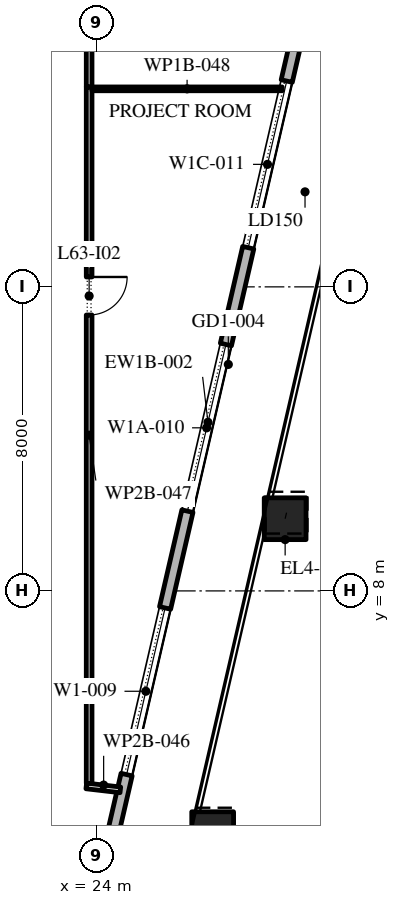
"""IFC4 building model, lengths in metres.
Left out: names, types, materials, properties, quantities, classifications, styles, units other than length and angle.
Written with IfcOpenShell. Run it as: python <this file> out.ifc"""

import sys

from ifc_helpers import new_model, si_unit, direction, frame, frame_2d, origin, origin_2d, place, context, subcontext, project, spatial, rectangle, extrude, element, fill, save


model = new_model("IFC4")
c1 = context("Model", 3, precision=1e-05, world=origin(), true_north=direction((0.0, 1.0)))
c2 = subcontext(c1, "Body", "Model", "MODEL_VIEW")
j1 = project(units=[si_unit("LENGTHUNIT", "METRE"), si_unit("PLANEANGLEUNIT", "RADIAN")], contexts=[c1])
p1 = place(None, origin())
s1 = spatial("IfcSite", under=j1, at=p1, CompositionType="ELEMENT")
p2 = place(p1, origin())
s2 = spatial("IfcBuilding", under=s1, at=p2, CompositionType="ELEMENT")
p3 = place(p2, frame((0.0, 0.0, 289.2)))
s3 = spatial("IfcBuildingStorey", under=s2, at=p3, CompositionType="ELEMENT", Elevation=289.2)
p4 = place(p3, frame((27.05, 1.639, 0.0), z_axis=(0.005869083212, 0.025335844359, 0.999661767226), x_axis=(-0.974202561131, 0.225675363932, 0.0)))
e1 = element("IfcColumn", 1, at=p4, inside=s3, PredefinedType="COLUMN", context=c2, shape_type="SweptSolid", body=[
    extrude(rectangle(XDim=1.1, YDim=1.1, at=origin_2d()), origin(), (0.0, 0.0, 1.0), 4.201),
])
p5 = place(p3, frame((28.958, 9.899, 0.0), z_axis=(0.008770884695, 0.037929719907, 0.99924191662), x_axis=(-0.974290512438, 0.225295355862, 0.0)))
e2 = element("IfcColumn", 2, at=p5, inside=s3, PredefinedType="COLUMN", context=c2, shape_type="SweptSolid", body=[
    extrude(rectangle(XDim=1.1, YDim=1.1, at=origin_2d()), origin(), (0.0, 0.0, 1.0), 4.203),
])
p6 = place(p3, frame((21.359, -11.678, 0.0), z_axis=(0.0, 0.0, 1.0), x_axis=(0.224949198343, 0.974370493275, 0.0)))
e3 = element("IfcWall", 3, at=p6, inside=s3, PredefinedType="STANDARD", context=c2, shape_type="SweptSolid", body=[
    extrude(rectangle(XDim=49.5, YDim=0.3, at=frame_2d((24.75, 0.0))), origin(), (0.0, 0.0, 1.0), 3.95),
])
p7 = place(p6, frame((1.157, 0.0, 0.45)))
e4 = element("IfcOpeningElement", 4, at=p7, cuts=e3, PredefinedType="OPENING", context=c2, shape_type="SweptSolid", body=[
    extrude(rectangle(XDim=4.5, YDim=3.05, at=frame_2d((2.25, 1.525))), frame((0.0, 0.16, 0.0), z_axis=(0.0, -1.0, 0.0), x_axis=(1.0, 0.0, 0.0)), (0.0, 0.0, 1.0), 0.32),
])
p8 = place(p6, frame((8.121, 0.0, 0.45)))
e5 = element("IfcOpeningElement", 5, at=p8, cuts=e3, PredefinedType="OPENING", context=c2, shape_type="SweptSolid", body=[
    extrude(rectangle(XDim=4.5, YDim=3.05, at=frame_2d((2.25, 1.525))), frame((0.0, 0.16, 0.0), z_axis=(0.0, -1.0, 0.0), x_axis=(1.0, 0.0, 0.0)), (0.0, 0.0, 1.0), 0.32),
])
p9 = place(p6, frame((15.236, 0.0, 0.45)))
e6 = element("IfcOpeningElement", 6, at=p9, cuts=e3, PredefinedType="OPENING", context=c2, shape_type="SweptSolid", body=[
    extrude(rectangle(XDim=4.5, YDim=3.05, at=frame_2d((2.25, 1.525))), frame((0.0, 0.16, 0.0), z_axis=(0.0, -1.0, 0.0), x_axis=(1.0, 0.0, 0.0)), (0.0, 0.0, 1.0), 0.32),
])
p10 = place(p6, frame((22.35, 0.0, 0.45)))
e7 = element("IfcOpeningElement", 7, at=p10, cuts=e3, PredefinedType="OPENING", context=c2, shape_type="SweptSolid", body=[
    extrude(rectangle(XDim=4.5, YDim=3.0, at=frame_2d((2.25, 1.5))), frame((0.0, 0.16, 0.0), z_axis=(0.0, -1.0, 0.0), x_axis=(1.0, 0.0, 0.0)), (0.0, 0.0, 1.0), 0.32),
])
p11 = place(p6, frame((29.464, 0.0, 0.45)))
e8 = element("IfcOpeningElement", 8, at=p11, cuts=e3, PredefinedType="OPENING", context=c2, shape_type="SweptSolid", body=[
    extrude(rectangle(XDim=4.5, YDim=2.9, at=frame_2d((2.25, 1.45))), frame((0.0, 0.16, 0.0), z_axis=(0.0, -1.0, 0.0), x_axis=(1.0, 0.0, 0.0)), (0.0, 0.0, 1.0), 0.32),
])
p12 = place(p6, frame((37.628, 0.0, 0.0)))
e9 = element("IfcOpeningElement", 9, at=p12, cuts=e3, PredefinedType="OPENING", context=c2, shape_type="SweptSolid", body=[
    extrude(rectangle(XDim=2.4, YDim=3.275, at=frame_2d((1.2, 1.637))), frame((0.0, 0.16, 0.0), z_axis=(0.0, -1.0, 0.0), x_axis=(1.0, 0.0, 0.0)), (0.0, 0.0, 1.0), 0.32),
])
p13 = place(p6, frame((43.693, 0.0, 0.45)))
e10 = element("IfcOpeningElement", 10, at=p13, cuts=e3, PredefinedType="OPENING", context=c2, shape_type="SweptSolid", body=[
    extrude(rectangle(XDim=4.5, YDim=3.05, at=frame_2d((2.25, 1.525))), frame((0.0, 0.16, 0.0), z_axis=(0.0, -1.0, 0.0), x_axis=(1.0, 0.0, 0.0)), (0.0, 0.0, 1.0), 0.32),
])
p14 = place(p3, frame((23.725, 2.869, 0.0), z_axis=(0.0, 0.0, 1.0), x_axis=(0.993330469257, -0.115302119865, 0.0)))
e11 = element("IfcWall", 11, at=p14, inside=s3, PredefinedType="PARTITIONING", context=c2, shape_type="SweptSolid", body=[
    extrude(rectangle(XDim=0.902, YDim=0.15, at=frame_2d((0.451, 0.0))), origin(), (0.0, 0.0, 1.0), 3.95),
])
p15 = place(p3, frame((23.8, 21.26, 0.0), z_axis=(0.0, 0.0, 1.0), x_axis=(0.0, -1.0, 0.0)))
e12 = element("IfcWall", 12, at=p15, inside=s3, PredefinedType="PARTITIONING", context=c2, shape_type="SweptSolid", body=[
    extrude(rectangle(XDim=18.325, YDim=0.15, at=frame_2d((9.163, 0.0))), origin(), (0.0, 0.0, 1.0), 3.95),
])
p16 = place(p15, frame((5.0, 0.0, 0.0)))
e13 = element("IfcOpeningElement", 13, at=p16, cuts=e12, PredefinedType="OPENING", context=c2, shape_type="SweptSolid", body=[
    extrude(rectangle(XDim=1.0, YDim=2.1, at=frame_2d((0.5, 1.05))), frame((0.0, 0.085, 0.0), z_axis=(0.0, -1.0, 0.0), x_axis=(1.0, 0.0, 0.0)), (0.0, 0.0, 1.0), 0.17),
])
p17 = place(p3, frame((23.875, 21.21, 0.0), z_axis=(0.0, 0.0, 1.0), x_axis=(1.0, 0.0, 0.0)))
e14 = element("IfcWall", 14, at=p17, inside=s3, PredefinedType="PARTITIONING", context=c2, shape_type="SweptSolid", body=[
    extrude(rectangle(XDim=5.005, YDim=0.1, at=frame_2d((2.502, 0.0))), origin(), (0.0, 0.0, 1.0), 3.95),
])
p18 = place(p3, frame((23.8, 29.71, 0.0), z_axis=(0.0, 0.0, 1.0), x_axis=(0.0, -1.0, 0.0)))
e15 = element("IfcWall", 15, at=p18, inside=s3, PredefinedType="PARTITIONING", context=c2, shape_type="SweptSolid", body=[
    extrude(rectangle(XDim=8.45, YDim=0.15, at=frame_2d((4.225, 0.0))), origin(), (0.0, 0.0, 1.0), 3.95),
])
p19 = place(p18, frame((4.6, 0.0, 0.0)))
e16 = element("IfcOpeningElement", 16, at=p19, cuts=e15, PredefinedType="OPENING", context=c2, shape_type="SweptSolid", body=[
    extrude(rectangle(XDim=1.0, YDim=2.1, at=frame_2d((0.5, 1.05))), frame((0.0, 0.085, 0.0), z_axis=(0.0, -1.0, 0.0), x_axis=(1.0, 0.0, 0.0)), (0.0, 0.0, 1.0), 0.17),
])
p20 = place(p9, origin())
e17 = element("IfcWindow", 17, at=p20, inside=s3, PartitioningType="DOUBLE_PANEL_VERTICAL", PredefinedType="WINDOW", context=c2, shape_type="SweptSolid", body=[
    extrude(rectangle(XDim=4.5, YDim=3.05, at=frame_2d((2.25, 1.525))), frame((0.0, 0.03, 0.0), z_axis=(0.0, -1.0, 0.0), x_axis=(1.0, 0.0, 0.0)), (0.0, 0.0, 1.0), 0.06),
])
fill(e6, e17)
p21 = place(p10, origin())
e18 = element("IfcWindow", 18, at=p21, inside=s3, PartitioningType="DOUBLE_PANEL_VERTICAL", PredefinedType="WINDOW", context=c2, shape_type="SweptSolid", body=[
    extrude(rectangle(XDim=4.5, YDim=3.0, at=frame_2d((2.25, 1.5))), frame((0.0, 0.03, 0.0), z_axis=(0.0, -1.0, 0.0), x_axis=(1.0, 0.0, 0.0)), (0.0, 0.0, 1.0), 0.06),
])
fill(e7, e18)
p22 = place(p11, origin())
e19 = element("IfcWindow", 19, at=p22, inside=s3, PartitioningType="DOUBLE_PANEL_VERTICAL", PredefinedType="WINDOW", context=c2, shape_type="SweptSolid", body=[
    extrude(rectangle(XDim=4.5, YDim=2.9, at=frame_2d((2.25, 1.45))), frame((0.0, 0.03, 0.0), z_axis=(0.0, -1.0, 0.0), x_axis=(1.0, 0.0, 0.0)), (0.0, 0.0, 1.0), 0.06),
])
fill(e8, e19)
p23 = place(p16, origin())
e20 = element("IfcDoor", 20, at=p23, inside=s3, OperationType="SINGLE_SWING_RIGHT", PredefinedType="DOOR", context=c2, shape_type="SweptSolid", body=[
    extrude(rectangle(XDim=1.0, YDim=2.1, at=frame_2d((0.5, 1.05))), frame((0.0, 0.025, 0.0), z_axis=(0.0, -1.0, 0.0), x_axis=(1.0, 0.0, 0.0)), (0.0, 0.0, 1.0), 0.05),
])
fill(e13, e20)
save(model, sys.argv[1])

### ABOUT THIS EXERCISE
For every line in the material above, note whether the word "spatial" appears, then state the number of lines where it does and nothing else.

### OUTPUT FOR THIS EXERCISE
4